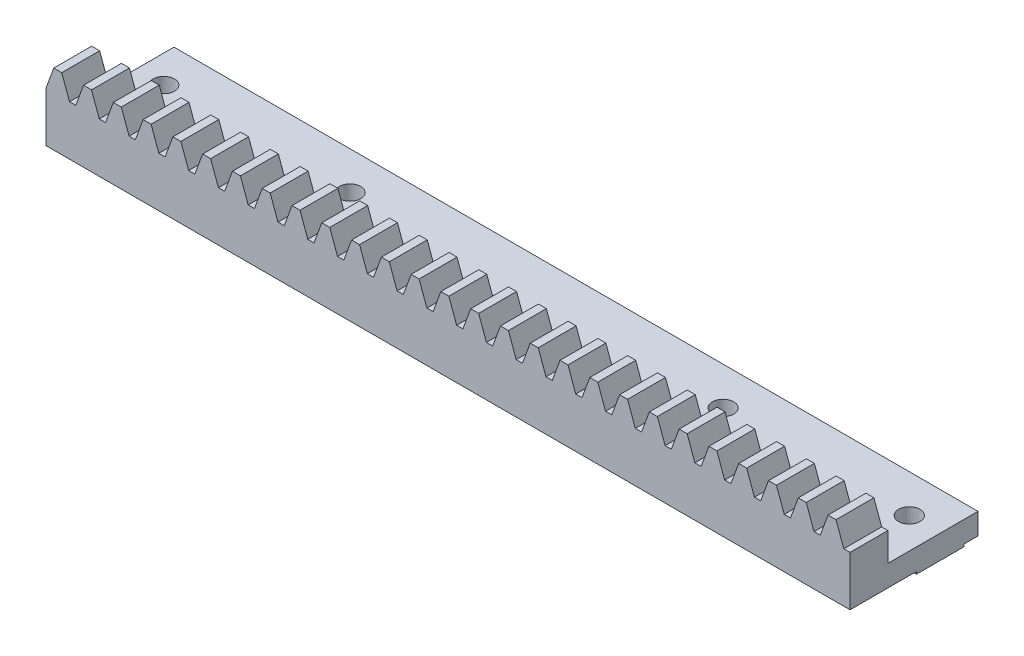
from build123d import *

# Parameters (mm, degrees)
SKETCH1_W              = 169.646003294
SKETCH1_H              = 11
EXTRUDE1_DEPTH         = 27
EXTRUDE2_DEPTH         = 8
LPATTERN1_COUNT        = 27
LPATTERN1_PITCH        = 6.283185307
SKETCH_1_W             = 169.646003294
SKETCH_1_H             = 19
CUT_EXTRUDE_1_DEPTH    = 6
SKETCH_3_R             = 2.25
CUT_EXTRUDE_2_DEPTH    = 10.5
PATTERN_LINEAR_2_COUNT = 2
PATTERN_LINEAR_2_PITCH = 118
SKETCH_5_W             = 169.646003294
SKETCH_5_H             = 14
SKETCH_5_H_2           = 3
CUT_EXTRUDE_3_DEPTH    = 0.5


with BuildPart() as part:
    # Sketch1 → Extrude1 (new body)
    with BuildSketch(Plane.XY):
        with Locations((84.823001647, -5.5)):
            Rectangle(SKETCH1_W, SKETCH1_H)
    extrude(amount=EXTRUDE1_DEPTH)

    # Sketch2 → Extrude2 (add)
    with BuildSketch(Plane.XY.offset(27)):
        Polygon((0, 0), (1.637866054, 4.5), (3.323577771, 4.5), (4.961443825, 0), align=None)
    extrude2 = extrude(amount=-EXTRUDE2_DEPTH)

    # LPattern1: Extrude2 ×27
    with Locations(*[(i * LPATTERN1_PITCH, 0, 0) for i in range(1, LPATTERN1_COUNT)]):
        add(extrude2)

    # 草图1 → 切除-拉伸1 (cut)
    with BuildSketch(Plane(origin=(0, 0, 0), x_dir=(1, 0, 0), z_dir=(0, 1, 0))):
        with Locations((84.823001647, -9.5)):
            Rectangle(SKETCH_1_W, SKETCH_1_H)
    extrude(amount=-CUT_EXTRUDE_1_DEPTH, mode=Mode.SUBTRACT)

    # 草图3 → 切除-拉伸2 (cut)
    with BuildSketch(Plane(origin=(0, -6, 0), x_dir=(1, 0, 0), z_dir=(0, 1, 0))):
        with Locations(Location((5.857142857, -8, 0), (0, 0, 270))):
            Circle(SKETCH_3_R)
        with Locations(Location((45.142857143, -8, 0), (0, 0, 270))):
            Circle(SKETCH_3_R)
    cut_extrude_2 = extrude(amount=-CUT_EXTRUDE_2_DEPTH, mode=Mode.SUBTRACT)

    # 阵列(线性)2: 切除-拉伸2 ×2
    with Locations(*[(i * PATTERN_LINEAR_2_PITCH, 0, 0) for i in range(1, PATTERN_LINEAR_2_COUNT)]):
        add(cut_extrude_2, mode=Mode.SUBTRACT)

    # 草图5 → 切除-拉伸3 (cut)
    with BuildSketch(Plane.XZ.offset(11)):
        with Locations((84.823001647, 20)):
            Rectangle(SKETCH_5_W, SKETCH_5_H)
        with Locations((84.823001647, 1.5)):
            Rectangle(SKETCH_5_W, SKETCH_5_H_2)
    extrude(amount=-CUT_EXTRUDE_3_DEPTH, mode=Mode.SUBTRACT)


solid = part.part

■ ■ ■ ■ ■ ■ ■

Work instruction:
Every record gets retyped exactly; no picture goes into the copy.

Solved problem:
from build123d import *

# Parameters (mm, degrees)
SKETCH1_W              = 169.646003294
SKETCH1_H              = 11
EXTRUDE1_DEPTH         = 27
EXTRUDE2_DEPTH         = 8
LPATTERN1_COUNT        = 27
LPATTERN1_PITCH        = 6.283185307
SKETCH_1_W             = 169.646003294
SKETCH_1_H             = 19
CUT_EXTRUDE_1_DEPTH    = 6
SKETCH_3_R             = 2.25
CUT_EXTRUDE_2_DEPTH    = 10.5
PATTERN_LINEAR_2_COUNT = 2
PATTERN_LINEAR_2_PITCH = 118
SKETCH_5_W             = 169.646003294
SKETCH_5_H             = 14
SKETCH_5_H_2           = 3
CUT_EXTRUDE_3_DEPTH    = 0.5


with BuildPart() as part:
    # Sketch1 → Extrude1 (new body)
    with BuildSketch(Plane.XY):
        with Locations((84.823001647, -5.5)):
            Rectangle(SKETCH1_W, SKETCH1_H)
    extrude(amount=EXTRUDE1_DEPTH)

    # Sketch2 → Extrude2 (add)
    with BuildSketch(Plane.XY.offset(27)):
        Polygon((0, 0), (1.637866054, 4.5), (3.323577771, 4.5), (4.961443825, 0), align=None)
    extrude2 = extrude(amount=-EXTRUDE2_DEPTH)

    # LPattern1: Extrude2 ×27
    with Locations(*[(i * LPATTERN1_PITCH, 0, 0) for i in range(1, LPATTERN1_COUNT)]):
        add(extrude2)

    # 草图1 → 切除-拉伸1 (cut)
    with BuildSketch(Plane(origin=(0, 0, 0), x_dir=(1, 0, 0), z_dir=(0, 1, 0))):
        with Locations((84.823001647, -9.5)):
            Rectangle(SKETCH_1_W, SKETCH_1_H)
    extrude(amount=-CUT_EXTRUDE_1_DEPTH, mode=Mode.SUBTRACT)

    # 草图3 → 切除-拉伸2 (cut)
    with BuildSketch(Plane(origin=(0, -6, 0), x_dir=(1, 0, 0), z_dir=(0, 1, 0))):
        with Locations(Location((5.857142857, -8, 0), (0, 0, 270))):
            Circle(SKETCH_3_R)
        with Locations(Location((45.142857143, -8, 0), (0, 0, 270))):
            Circle(SKETCH_3_R)
    cut_extrude_2 = extrude(amount=-CUT_EXTRUDE_2_DEPTH, mode=Mode.SUBTRACT)

    # 阵列(线性)2: 切除-拉伸2 ×2
    with Locations(*[(i * PATTERN_LINEAR_2_PITCH, 0, 0) for i in range(1, PATTERN_LINEAR_2_COUNT)]):
        add(cut_extrude_2, mode=Mode.SUBTRACT)

    # 草图5 → 切除-拉伸3 (cut)
    with BuildSketch(Plane.XZ.offset(11)):
        with Locations((84.823001647, 20)):
            Rectangle(SKETCH_5_W, SKETCH_5_H)
        with Locations((84.823001647, 1.5)):
            Rectangle(SKETCH_5_W, SKETCH_5_H_2)
    extrude(amount=-CUT_EXTRUDE_3_DEPTH, mode=Mode.SUBTRACT)


solid = part.part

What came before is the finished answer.